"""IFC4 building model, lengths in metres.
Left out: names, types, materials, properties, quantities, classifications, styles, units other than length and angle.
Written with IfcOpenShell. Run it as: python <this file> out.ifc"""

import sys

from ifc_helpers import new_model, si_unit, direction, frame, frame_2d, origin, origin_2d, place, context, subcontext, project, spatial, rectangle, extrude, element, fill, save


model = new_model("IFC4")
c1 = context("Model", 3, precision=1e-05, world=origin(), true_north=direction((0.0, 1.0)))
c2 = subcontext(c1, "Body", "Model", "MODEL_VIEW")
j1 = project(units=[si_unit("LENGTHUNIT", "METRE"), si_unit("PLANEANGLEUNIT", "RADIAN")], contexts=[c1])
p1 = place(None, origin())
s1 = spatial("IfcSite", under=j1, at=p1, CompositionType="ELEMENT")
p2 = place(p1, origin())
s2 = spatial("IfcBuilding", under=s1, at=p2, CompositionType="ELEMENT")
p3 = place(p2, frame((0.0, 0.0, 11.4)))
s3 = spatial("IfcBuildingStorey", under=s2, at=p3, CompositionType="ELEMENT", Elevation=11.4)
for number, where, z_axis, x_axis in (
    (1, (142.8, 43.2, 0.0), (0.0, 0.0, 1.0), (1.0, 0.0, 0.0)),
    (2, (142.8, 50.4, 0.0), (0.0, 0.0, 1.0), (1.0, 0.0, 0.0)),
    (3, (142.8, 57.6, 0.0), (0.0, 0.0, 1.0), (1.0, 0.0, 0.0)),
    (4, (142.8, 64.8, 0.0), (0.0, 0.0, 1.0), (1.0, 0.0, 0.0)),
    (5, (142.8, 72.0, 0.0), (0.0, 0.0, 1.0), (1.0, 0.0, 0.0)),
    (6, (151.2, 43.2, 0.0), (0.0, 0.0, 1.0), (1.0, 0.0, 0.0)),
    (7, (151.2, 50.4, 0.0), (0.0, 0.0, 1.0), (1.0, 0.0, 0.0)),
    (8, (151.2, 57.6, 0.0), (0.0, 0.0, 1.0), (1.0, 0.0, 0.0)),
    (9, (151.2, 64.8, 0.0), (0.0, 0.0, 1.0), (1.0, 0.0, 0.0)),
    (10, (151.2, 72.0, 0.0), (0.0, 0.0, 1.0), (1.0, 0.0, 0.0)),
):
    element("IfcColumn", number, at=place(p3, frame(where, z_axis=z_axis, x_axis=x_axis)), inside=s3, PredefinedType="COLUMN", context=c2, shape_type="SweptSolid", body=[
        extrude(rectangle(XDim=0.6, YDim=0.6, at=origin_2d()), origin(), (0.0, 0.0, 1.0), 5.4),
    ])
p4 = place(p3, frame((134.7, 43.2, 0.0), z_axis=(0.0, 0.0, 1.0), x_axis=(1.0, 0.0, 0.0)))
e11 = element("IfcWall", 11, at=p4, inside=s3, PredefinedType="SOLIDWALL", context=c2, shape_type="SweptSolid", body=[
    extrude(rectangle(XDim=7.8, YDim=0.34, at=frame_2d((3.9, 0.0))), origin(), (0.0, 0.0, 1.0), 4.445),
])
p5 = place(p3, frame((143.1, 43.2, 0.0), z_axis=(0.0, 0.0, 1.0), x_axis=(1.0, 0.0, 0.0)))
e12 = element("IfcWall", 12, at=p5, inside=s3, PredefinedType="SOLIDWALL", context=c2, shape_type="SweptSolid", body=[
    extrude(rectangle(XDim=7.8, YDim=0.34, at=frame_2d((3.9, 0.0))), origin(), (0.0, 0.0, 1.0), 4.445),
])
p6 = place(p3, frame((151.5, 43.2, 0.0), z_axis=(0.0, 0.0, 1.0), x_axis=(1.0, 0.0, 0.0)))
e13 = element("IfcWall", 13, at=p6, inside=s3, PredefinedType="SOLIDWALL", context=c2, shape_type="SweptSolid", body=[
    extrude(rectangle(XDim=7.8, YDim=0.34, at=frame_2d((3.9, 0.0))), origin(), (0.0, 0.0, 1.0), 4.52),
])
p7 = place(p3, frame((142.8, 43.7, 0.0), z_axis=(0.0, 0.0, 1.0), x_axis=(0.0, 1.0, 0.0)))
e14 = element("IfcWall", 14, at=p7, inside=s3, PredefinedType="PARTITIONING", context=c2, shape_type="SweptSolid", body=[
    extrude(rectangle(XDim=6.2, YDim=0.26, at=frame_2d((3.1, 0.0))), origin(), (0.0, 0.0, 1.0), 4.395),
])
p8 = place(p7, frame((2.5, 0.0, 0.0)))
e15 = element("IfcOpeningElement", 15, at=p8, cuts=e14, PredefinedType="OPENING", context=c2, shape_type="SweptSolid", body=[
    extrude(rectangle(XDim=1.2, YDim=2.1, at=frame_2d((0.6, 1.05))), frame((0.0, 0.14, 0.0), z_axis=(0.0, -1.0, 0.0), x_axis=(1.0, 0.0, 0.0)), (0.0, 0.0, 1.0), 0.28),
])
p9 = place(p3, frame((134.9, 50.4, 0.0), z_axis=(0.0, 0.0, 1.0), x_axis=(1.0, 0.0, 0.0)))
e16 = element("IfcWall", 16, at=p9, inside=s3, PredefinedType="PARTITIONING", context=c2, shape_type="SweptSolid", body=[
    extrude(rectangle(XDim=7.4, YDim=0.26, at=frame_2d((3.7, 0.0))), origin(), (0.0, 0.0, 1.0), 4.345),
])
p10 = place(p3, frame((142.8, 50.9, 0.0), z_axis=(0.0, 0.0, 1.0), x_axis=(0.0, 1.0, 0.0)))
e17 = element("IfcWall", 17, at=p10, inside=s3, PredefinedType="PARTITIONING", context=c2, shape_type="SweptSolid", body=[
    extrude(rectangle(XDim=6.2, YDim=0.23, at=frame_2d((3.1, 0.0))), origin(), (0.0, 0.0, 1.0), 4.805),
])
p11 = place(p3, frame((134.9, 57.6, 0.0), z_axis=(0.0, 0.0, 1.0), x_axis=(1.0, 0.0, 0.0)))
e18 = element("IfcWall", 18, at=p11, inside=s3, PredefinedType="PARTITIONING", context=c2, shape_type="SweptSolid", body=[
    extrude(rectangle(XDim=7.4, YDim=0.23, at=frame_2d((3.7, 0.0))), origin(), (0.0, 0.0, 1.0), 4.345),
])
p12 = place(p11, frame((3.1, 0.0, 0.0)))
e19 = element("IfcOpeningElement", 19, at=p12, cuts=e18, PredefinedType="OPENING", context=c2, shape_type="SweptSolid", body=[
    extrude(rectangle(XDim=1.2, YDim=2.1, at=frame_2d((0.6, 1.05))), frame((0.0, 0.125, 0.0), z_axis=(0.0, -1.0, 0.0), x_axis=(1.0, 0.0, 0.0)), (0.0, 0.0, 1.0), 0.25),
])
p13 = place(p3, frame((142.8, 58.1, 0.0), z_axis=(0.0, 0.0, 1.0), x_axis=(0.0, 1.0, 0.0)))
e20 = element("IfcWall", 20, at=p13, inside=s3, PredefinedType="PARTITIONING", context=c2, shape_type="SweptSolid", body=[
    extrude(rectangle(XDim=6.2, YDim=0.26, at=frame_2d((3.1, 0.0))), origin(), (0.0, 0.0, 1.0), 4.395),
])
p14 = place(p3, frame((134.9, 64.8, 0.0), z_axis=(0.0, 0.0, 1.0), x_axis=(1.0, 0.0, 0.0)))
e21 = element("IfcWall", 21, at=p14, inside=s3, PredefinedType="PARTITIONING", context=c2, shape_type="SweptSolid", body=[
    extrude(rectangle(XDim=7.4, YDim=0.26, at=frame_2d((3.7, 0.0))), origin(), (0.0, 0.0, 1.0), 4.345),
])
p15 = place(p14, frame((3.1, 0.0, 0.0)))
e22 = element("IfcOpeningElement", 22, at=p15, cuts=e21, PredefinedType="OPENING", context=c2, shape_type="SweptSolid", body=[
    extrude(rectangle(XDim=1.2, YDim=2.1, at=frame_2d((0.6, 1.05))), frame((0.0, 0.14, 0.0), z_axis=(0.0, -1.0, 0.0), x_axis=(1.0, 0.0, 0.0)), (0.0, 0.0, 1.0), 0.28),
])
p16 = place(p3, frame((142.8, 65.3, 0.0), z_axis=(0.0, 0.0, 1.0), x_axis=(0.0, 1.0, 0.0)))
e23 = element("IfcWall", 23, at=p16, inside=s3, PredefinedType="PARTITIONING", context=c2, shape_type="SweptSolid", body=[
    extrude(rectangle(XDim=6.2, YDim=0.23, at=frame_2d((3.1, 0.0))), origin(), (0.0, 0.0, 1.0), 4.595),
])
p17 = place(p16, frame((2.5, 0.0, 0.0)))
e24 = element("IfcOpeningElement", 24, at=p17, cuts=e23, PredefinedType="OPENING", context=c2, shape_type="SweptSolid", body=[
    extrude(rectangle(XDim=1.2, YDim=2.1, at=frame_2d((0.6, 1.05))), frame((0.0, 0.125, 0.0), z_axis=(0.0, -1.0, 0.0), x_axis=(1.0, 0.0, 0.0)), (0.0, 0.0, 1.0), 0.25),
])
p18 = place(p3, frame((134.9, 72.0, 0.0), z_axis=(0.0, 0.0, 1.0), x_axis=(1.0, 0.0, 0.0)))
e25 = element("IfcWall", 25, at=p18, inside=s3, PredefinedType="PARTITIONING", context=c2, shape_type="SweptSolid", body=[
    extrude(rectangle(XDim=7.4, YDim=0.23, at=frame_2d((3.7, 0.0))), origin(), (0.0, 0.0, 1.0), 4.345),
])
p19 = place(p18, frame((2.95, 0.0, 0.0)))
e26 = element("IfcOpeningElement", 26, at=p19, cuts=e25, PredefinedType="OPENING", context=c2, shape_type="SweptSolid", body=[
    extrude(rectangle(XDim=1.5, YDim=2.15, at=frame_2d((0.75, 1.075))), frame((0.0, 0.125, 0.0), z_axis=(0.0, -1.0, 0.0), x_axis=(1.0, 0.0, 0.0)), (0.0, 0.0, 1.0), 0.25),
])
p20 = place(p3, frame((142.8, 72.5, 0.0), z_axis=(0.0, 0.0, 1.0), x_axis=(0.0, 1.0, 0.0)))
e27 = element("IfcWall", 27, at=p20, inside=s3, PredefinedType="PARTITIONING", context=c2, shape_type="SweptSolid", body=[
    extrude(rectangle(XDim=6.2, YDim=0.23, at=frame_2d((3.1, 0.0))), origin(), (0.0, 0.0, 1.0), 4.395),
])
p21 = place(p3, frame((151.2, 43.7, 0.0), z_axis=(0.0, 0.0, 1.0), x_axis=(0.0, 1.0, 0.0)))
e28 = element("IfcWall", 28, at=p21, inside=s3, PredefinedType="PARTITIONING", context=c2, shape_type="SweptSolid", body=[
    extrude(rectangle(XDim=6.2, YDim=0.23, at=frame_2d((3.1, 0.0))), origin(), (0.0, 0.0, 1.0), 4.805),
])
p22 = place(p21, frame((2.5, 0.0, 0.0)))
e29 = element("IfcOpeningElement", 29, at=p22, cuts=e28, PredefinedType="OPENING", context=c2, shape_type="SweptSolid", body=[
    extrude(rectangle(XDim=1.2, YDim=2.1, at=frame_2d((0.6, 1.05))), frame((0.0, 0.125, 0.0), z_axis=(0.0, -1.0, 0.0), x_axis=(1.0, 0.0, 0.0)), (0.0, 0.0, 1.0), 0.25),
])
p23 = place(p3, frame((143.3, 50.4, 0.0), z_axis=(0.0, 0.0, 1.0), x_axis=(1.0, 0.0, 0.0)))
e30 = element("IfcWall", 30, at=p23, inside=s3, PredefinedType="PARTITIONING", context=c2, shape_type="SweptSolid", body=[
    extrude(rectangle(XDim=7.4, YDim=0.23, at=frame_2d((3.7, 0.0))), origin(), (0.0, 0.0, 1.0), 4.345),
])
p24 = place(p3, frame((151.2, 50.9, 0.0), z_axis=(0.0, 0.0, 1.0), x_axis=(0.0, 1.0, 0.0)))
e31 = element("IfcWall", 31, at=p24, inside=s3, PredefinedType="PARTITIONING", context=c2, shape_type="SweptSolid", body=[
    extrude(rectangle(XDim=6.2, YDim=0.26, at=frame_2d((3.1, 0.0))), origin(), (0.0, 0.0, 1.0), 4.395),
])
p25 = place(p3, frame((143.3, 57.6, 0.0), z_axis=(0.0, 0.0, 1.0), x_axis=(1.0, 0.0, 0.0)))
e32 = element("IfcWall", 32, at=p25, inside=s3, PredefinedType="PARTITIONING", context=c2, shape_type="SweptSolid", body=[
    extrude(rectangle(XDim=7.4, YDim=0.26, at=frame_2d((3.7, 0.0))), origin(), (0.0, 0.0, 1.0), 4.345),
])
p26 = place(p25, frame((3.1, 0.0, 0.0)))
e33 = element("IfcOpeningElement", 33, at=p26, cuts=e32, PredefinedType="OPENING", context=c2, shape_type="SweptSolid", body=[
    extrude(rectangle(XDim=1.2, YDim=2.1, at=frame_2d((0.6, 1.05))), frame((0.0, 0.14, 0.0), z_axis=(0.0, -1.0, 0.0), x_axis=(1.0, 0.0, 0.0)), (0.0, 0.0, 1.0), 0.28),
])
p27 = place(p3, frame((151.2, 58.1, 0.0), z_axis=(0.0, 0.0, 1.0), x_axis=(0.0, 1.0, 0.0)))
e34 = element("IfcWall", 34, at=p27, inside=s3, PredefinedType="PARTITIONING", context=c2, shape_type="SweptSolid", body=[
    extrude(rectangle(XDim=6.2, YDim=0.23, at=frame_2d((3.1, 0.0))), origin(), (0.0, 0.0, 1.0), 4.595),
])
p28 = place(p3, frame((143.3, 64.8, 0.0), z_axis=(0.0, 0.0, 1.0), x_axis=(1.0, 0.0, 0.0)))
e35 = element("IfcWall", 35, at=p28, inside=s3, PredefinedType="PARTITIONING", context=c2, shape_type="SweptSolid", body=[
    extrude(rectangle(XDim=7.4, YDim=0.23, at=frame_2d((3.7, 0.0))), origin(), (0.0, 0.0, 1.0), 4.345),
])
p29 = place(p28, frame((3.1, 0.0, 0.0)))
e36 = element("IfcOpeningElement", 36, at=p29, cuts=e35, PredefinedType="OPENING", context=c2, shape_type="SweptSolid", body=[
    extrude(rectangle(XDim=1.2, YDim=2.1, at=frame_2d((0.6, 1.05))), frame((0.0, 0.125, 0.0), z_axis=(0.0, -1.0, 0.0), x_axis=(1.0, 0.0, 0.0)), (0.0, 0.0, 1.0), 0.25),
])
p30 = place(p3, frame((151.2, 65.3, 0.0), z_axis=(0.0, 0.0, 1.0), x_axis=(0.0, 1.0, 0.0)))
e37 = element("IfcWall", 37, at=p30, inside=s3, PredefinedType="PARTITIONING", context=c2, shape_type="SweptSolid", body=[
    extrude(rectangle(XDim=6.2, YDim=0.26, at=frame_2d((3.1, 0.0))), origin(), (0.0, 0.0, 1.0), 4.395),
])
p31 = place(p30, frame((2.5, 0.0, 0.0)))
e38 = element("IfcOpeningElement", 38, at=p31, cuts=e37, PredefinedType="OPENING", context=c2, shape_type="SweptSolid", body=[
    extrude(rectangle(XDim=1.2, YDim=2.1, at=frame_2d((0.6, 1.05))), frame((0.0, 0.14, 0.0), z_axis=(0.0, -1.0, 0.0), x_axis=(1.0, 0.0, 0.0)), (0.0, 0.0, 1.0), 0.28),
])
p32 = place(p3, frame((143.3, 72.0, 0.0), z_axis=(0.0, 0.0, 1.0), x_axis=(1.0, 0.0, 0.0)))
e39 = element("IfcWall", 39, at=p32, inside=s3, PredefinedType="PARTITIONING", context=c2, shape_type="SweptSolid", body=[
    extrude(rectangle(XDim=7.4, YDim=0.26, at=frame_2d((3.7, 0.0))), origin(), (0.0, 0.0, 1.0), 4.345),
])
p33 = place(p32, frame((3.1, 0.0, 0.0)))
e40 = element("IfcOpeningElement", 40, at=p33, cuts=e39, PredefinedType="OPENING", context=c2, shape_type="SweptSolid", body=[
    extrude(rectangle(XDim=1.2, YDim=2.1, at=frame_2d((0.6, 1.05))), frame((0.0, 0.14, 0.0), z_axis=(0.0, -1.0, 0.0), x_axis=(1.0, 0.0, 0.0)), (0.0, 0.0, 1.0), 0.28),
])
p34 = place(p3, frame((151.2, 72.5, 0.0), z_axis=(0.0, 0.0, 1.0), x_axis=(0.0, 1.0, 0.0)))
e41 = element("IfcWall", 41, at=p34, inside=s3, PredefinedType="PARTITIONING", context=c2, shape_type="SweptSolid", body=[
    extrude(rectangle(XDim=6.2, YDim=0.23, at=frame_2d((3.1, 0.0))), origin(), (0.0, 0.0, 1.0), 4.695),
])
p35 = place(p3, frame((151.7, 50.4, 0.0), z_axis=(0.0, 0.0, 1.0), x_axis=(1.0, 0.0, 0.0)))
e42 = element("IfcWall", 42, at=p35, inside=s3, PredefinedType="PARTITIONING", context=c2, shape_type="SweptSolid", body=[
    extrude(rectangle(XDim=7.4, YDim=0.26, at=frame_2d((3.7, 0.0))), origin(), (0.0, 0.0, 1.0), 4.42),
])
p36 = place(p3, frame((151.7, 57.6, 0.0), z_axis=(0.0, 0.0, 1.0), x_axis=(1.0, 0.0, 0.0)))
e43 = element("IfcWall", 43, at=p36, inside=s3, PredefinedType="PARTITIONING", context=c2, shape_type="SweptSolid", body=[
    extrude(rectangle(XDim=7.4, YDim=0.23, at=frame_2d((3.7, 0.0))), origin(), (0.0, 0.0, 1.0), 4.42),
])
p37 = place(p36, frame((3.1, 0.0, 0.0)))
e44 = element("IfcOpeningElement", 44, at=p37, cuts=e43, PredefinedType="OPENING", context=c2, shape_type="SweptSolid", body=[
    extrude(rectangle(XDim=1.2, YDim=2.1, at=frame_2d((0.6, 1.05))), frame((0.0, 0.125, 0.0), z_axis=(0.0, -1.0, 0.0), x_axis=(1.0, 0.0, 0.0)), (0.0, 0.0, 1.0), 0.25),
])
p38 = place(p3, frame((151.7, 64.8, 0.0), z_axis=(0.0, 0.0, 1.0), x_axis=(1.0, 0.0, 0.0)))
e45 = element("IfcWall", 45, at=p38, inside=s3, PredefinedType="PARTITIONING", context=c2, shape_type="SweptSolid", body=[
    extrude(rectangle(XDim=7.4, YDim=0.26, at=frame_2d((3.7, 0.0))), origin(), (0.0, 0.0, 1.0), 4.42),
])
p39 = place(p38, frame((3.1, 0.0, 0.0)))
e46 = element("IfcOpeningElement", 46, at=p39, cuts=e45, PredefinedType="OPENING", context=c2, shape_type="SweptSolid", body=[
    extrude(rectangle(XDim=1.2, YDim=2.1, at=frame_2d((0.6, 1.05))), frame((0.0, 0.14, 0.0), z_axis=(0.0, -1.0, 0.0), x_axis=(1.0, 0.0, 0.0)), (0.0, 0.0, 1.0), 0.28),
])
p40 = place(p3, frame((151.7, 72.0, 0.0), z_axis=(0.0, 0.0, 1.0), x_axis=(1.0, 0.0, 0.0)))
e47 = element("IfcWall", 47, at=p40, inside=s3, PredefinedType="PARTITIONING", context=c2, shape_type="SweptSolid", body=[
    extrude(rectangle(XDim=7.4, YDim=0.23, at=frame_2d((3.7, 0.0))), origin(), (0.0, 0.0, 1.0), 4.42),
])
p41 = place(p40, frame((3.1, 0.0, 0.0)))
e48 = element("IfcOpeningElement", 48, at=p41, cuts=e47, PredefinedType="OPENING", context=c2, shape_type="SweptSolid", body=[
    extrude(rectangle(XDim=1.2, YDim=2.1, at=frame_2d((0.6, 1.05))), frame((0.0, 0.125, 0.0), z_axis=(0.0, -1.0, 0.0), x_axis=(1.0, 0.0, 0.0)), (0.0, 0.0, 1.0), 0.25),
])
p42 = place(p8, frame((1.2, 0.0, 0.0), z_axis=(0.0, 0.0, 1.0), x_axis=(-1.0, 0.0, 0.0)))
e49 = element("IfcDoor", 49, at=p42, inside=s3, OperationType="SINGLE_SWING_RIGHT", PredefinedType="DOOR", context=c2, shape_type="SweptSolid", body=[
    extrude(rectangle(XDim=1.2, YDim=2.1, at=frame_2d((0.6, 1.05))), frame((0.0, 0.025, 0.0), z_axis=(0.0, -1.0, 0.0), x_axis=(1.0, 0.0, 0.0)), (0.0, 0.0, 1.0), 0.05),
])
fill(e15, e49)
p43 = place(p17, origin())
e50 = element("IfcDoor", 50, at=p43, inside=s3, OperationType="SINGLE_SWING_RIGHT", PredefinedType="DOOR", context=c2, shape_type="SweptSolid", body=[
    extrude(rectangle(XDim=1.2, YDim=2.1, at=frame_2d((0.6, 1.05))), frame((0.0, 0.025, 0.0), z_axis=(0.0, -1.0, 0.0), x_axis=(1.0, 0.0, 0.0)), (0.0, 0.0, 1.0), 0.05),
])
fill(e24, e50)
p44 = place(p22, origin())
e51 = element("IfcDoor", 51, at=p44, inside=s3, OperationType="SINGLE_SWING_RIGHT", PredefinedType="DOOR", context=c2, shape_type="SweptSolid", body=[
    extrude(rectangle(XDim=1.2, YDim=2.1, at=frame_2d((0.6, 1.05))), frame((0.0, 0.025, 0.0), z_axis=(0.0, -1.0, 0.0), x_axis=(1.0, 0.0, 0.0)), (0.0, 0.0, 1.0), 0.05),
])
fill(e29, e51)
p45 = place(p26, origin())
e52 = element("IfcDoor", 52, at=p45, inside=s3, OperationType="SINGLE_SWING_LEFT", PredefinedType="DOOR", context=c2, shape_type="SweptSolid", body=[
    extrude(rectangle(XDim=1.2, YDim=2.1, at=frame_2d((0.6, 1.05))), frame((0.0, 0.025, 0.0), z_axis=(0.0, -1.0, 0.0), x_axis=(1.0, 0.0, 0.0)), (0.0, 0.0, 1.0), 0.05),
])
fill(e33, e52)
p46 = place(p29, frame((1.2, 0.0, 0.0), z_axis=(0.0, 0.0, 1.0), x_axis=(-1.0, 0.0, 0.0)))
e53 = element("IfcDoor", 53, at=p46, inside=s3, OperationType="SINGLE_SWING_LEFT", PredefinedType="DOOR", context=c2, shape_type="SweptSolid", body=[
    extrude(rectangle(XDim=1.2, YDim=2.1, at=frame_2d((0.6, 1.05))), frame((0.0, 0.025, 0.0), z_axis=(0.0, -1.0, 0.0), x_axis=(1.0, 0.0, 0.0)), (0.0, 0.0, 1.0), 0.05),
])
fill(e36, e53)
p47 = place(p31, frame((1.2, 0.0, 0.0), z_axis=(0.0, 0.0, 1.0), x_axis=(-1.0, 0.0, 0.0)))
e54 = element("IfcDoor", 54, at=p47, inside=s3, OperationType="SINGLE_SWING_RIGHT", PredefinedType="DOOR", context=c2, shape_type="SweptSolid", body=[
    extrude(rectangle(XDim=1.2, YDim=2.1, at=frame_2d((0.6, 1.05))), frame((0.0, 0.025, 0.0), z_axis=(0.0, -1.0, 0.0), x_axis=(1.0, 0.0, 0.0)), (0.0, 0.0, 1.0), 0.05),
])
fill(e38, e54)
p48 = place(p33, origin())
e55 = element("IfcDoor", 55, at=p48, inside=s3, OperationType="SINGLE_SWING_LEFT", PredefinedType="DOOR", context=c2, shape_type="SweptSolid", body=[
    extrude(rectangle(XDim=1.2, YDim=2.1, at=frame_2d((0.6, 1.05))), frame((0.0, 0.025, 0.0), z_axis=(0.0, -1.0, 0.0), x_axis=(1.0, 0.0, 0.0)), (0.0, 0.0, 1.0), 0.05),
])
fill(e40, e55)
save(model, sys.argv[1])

--

YOUR ASSIGNMENT:
Say how many lines in the data include the string "save", giving the number alone.

TASK OUTPUT:
2